**RECORDED INFORMATION:**

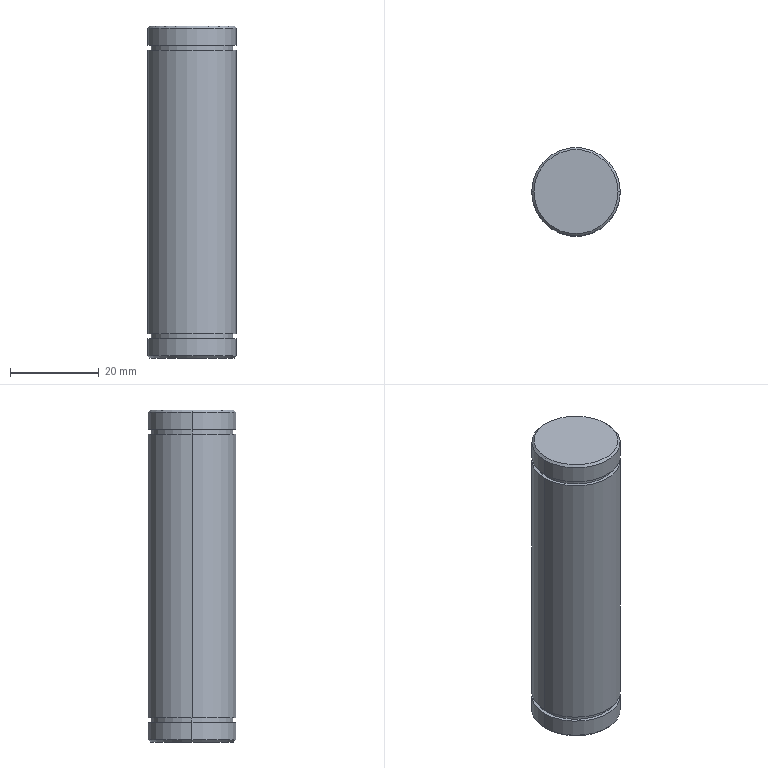Component | SolidWorks | ConnectingPin2-1 | 1 solid | 20 faces | box 20 x 20 x 75 mm | volume 23447 mm3 | cylinder 10 | plane 6 | cone 4 | commonest cylinder face diameters 20 x6 18.5 x4
build123d program:
from build123d import *

# Parameters (mm, degrees)
SKETCH1_R           = 10
BOSS_EXTRUDE1_DEPTH = 37.5
SKETCH2_W           = 1.1
SKETCH2_H           = 0.75
CHAMFER1_SIZE       = 0.5


with BuildPart() as part:
    # Sketch1 → Boss-Extrude1 (new, symmetric)
    with BuildSketch(Plane(origin=(0, 0, 0), x_dir=(0, 0, -1), z_dir=(1, 0, 0))):
        Circle(SKETCH1_R)
    extrude(amount=BOSS_EXTRUDE1_DEPTH, both=True)

    # Sketch2 → Cut-Revolve1 (revolve, cut)
    with BuildSketch(Plane.XY, mode=Mode.PRIVATE) as cut_revolve1_sk:
        with Locations((-32.55, 9.625)):
            Rectangle(SKETCH2_W, SKETCH2_H)
    cut_revolve1 = revolve(cut_revolve1_sk.sketch.rotate(Axis((37.5, 0, 0), (-1, 0, 0)), 90), axis=Axis((37.5, 0, 0), (-1, 0, 0)), mode=Mode.SUBTRACT)

    # Chamfer1
    chamfer1_edges = [part.edges().sort_by_distance(p)[0] for p in [
        (-37.5, 0, 10),
        (37.5, 0, 10),
    ]]
    chamfer(chamfer1_edges, length=CHAMFER1_SIZE)

    # Mirror4: Cut-Revolve1 across plane
    add(cut_revolve1.mirror(Plane(origin=(0, 0, 0), x_dir=(0, 0, 1), z_dir=(1, 0, 0))), mode=Mode.SUBTRACT)


solid = part.part

# Placed as in the assembly
solid = solid.moved(Location((-132.772, 396.234, 900), (0, 90, 0)))
STEP:
#1=COLOUR_RGB('',0.7922,0.8196,0.9333);
#2=FILL_AREA_STYLE_COLOUR('',#1);
#3=FILL_AREA_STYLE('',(#2));
#4=SURFACE_STYLE_FILL_AREA(#3);
#5=SURFACE_SIDE_STYLE('',(#4));
#6=SURFACE_STYLE_USAGE(.BOTH.,#5);
#7=PRESENTATION_STYLE_ASSIGNMENT((#6));
#8=CARTESIAN_POINT('',(-5.621,15.6,36.89));
#9=VERTEX_POINT('',#8);
#10=CARTESIAN_POINT('',(-4.834,15.6,36.89));
#11=VERTEX_POINT('',#10);
#12=CARTESIAN_POINT('',(-5.227,15.6,36.89));
#13=DIRECTION('',(-0.,0.,-1.));
#14=DIRECTION('',(1.,-0.,0.));
#15=AXIS2_PLACEMENT_3D('',#12,#13,#14);
#16=CIRCLE('',#15,0.3937);
#17=EDGE_CURVE('',#9,#11,#16,.T.);
#18=ORIENTED_EDGE('',*,*,#17,.T.);
#19=CARTESIAN_POINT('',(-4.834,15.6,36.736));
#20=VERTEX_POINT('',#19);
#21=CARTESIAN_POINT('',(-4.834,15.6,36.909));
#22=DIRECTION('',(-0.,0.,-1.));
#23=VECTOR('',#22,39.37);
#24=LINE('',#21,#23);
#25=EDGE_CURVE('',#11,#20,#24,.T.);
#26=ORIENTED_EDGE('',*,*,#25,.T.);
#27=CARTESIAN_POINT('',(-5.621,15.6,36.736));
#28=VERTEX_POINT('',#27);
#29=CARTESIAN_POINT('',(-5.227,15.6,36.736));
#30=DIRECTION('',(0.,-0.,1.));
#31=DIRECTION('',(1.,0.,0.));
#32=AXIS2_PLACEMENT_3D('',#29,#30,#31);
#33=CIRCLE('',#32,0.3937);
#34=EDGE_CURVE('',#20,#28,#33,.T.);
#35=ORIENTED_EDGE('',*,*,#34,.T.);
#36=CARTESIAN_POINT('',(-5.621,15.6,36.909));
#37=DIRECTION('',(-0.,0.,-1.));
#38=VECTOR('',#37,39.37);
#39=LINE('',#36,#38);
#40=EDGE_CURVE('',#9,#28,#39,.T.);
#41=ORIENTED_EDGE('',*,*,#40,.F.);
#42=EDGE_LOOP('',(#18,#26,#35,#41));
#43=FACE_OUTER_BOUND('',#42,.T.);
#44=CARTESIAN_POINT('',(-5.227,15.6,36.909));
#45=DIRECTION('',(-0.,0.,-1.));
#46=DIRECTION('',(-1.,0.,0.));
#47=AXIS2_PLACEMENT_3D('',#44,#45,#46);
#48=CYLINDRICAL_SURFACE('',#47,0.3937);
#49=ADVANCED_FACE('',(#43),#48,.T.);
#50=CARTESIAN_POINT('',(-4.853,15.6,36.909));
#51=VERTEX_POINT('',#50);
#52=CARTESIAN_POINT('',(-5.601,15.6,36.909));
#53=VERTEX_POINT('',#52);
#54=CARTESIAN_POINT('',(-5.227,15.6,36.909));
#55=DIRECTION('',(0.,-0.,1.));
#56=DIRECTION('',(1.,0.,0.));
#57=AXIS2_PLACEMENT_3D('',#54,#55,#56);
#58=CIRCLE('',#57,0.374);
#59=EDGE_CURVE('',#51,#53,#58,.T.);
#60=ORIENTED_EDGE('',*,*,#59,.F.);
#61=CARTESIAN_POINT('',(-4.853,15.6,36.909));
#62=DIRECTION('',(0.7071,0.,-0.7071));
#63=VECTOR('',#62,39.37);
#64=LINE('',#61,#63);
#65=EDGE_CURVE('',#51,#11,#64,.T.);
#66=ORIENTED_EDGE('',*,*,#65,.T.);
#67=ORIENTED_EDGE('',*,*,#17,.F.);
#68=CARTESIAN_POINT('',(-5.601,15.6,36.909));
#69=DIRECTION('',(-0.7071,0.,-0.7071));
#70=VECTOR('',#69,39.37);
#71=LINE('',#68,#70);
#72=EDGE_CURVE('',#53,#9,#71,.T.);
#73=ORIENTED_EDGE('',*,*,#72,.F.);
#74=EDGE_LOOP('',(#60,#66,#67,#73));
#75=FACE_OUTER_BOUND('',#74,.T.);
#76=CARTESIAN_POINT('',(-5.227,15.6,36.909));
#77=DIRECTION('',(-0.,0.,-1.));
#78=DIRECTION('',(-1.,0.,0.));
#79=AXIS2_PLACEMENT_3D('',#76,#77,#78);
#80=CONICAL_SURFACE('',#79,0.374,0.7854);
#81=ADVANCED_FACE('',(#75),#80,.T.);
#82=CARTESIAN_POINT('',(-5.591,15.6,36.736));
#83=VERTEX_POINT('',#82);
#84=CARTESIAN_POINT('',(-4.863,15.6,36.736));
#85=VERTEX_POINT('',#84);
#86=CARTESIAN_POINT('',(-5.227,15.6,36.736));
#87=DIRECTION('',(0.,-0.,1.));
#88=DIRECTION('',(1.,0.,0.));
#89=AXIS2_PLACEMENT_3D('',#86,#87,#88);
#90=CIRCLE('',#89,0.3642);
#91=EDGE_CURVE('',#83,#85,#90,.T.);
#92=ORIENTED_EDGE('',*,*,#91,.F.);
#93=CARTESIAN_POINT('',(-5.591,15.6,36.693));
#94=VERTEX_POINT('',#93);
#95=CARTESIAN_POINT('',(-5.591,15.6,36.736));
#96=DIRECTION('',(-0.,0.,-1.));
#97=VECTOR('',#96,39.37);
#98=LINE('',#95,#97);
#99=EDGE_CURVE('',#83,#94,#98,.T.);
#100=ORIENTED_EDGE('',*,*,#99,.T.);
#101=CARTESIAN_POINT('',(-4.863,15.6,36.693));
#102=VERTEX_POINT('',#101);
#103=CARTESIAN_POINT('',(-5.227,15.6,36.693));
#104=DIRECTION('',(0.,-0.,1.));
#105=DIRECTION('',(1.,0.,0.));
#106=AXIS2_PLACEMENT_3D('',#103,#104,#105);
#107=CIRCLE('',#106,0.3642);
#108=EDGE_CURVE('',#94,#102,#107,.T.);
#109=ORIENTED_EDGE('',*,*,#108,.T.);
#110=CARTESIAN_POINT('',(-4.863,15.6,36.736));
#111=DIRECTION('',(-0.,0.,-1.));
#112=VECTOR('',#111,39.37);
#113=LINE('',#110,#112);
#114=EDGE_CURVE('',#85,#102,#113,.T.);
#115=ORIENTED_EDGE('',*,*,#114,.F.);
#116=EDGE_LOOP('',(#92,#100,#109,#115));
#117=FACE_OUTER_BOUND('',#116,.T.);
#118=CARTESIAN_POINT('',(-5.227,15.6,36.736));
#119=DIRECTION('',(-0.,0.,-1.));
#120=DIRECTION('',(1.,0.,0.));
#121=AXIS2_PLACEMENT_3D('',#118,#119,#120);
#122=CYLINDRICAL_SURFACE('',#121,0.3642);
#123=ADVANCED_FACE('',(#117),#122,.T.);
#124=CARTESIAN_POINT('',(-5.601,15.6,33.957));
#125=VERTEX_POINT('',#124);
#126=CARTESIAN_POINT('',(-4.853,15.6,33.957));
#127=VERTEX_POINT('',#126);
#128=CARTESIAN_POINT('',(-5.227,15.6,33.957));
#129=DIRECTION('',(-0.,0.,-1.));
#130=DIRECTION('',(1.,-0.,0.));
#131=AXIS2_PLACEMENT_3D('',#128,#129,#130);
#132=CIRCLE('',#131,0.374);
#133=EDGE_CURVE('',#125,#127,#132,.T.);
#134=ORIENTED_EDGE('',*,*,#133,.F.);
#135=CARTESIAN_POINT('',(-5.621,15.6,33.976));
#136=VERTEX_POINT('',#135);
#137=CARTESIAN_POINT('',(-5.621,15.6,33.976));
#138=DIRECTION('',(-0.7071,0.,0.7071));
#139=VECTOR('',#138,39.37);
#140=LINE('',#137,#139);
#141=EDGE_CURVE('',#125,#136,#140,.T.);
#142=ORIENTED_EDGE('',*,*,#141,.T.);
#143=CARTESIAN_POINT('',(-4.834,15.6,33.976));
#144=VERTEX_POINT('',#143);
#145=CARTESIAN_POINT('',(-5.227,15.6,33.976));
#146=DIRECTION('',(0.,-0.,1.));
#147=DIRECTION('',(1.,0.,0.));
#148=AXIS2_PLACEMENT_3D('',#145,#146,#147);
#149=CIRCLE('',#148,0.3937);
#150=EDGE_CURVE('',#144,#136,#149,.T.);
#151=ORIENTED_EDGE('',*,*,#150,.F.);
#152=CARTESIAN_POINT('',(-4.834,15.6,33.976));
#153=DIRECTION('',(0.7071,-0.,0.7071));
#154=VECTOR('',#153,39.37);
#155=LINE('',#152,#154);
#156=EDGE_CURVE('',#127,#144,#155,.T.);
#157=ORIENTED_EDGE('',*,*,#156,.F.);
#158=EDGE_LOOP('',(#134,#142,#151,#157));
#159=FACE_OUTER_BOUND('',#158,.T.);
#160=CARTESIAN_POINT('',(-5.227,15.6,33.976));
#161=DIRECTION('',(0.,-0.,1.));
#162=DIRECTION('',(1.,0.,0.));
#163=AXIS2_PLACEMENT_3D('',#160,#161,#162);
#164=CONICAL_SURFACE('',#163,0.3937,0.7854);
#165=ADVANCED_FACE('',(#159),#164,.T.);
#166=CARTESIAN_POINT('',(-4.834,15.6,36.693));
#167=VERTEX_POINT('',#166);
#168=CARTESIAN_POINT('',(-5.621,15.6,36.693));
#169=VERTEX_POINT('',#168);
#170=CARTESIAN_POINT('',(-5.227,15.6,36.693));
#171=DIRECTION('',(0.,-0.,1.));
#172=DIRECTION('',(1.,0.,0.));
#173=AXIS2_PLACEMENT_3D('',#170,#171,#172);
#174=CIRCLE('',#173,0.3937);
#175=EDGE_CURVE('',#167,#169,#174,.T.);
#176=ORIENTED_EDGE('',*,*,#175,.F.);
#177=CARTESIAN_POINT('',(-4.834,15.6,34.173));
#178=VERTEX_POINT('',#177);
#179=CARTESIAN_POINT('',(-4.834,15.6,36.909));
#180=DIRECTION('',(-0.,0.,-1.));
#181=VECTOR('',#180,39.37);
#182=LINE('',#179,#181);
#183=EDGE_CURVE('',#167,#178,#182,.T.);
#184=ORIENTED_EDGE('',*,*,#183,.T.);
#185=CARTESIAN_POINT('',(-5.621,15.6,34.173));
#186=VERTEX_POINT('',#185);
#187=CARTESIAN_POINT('',(-5.227,15.6,34.173));
#188=DIRECTION('',(0.,-0.,1.));
#189=DIRECTION('',(1.,0.,0.));
#190=AXIS2_PLACEMENT_3D('',#187,#188,#189);
#191=CIRCLE('',#190,0.3937);
#192=EDGE_CURVE('',#178,#186,#191,.T.);
#193=ORIENTED_EDGE('',*,*,#192,.T.);
#194=CARTESIAN_POINT('',(-5.621,15.6,36.909));
#195=DIRECTION('',(-0.,0.,-1.));
#196=VECTOR('',#195,39.37);
#197=LINE('',#194,#196);
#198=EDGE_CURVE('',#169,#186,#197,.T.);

**EXERCISE INSTRUCTIONS:** Across the material above, how many lines include the string "origin"? Only the number is wanted.

**OUTPUT FOR THIS EXERCISE:** 2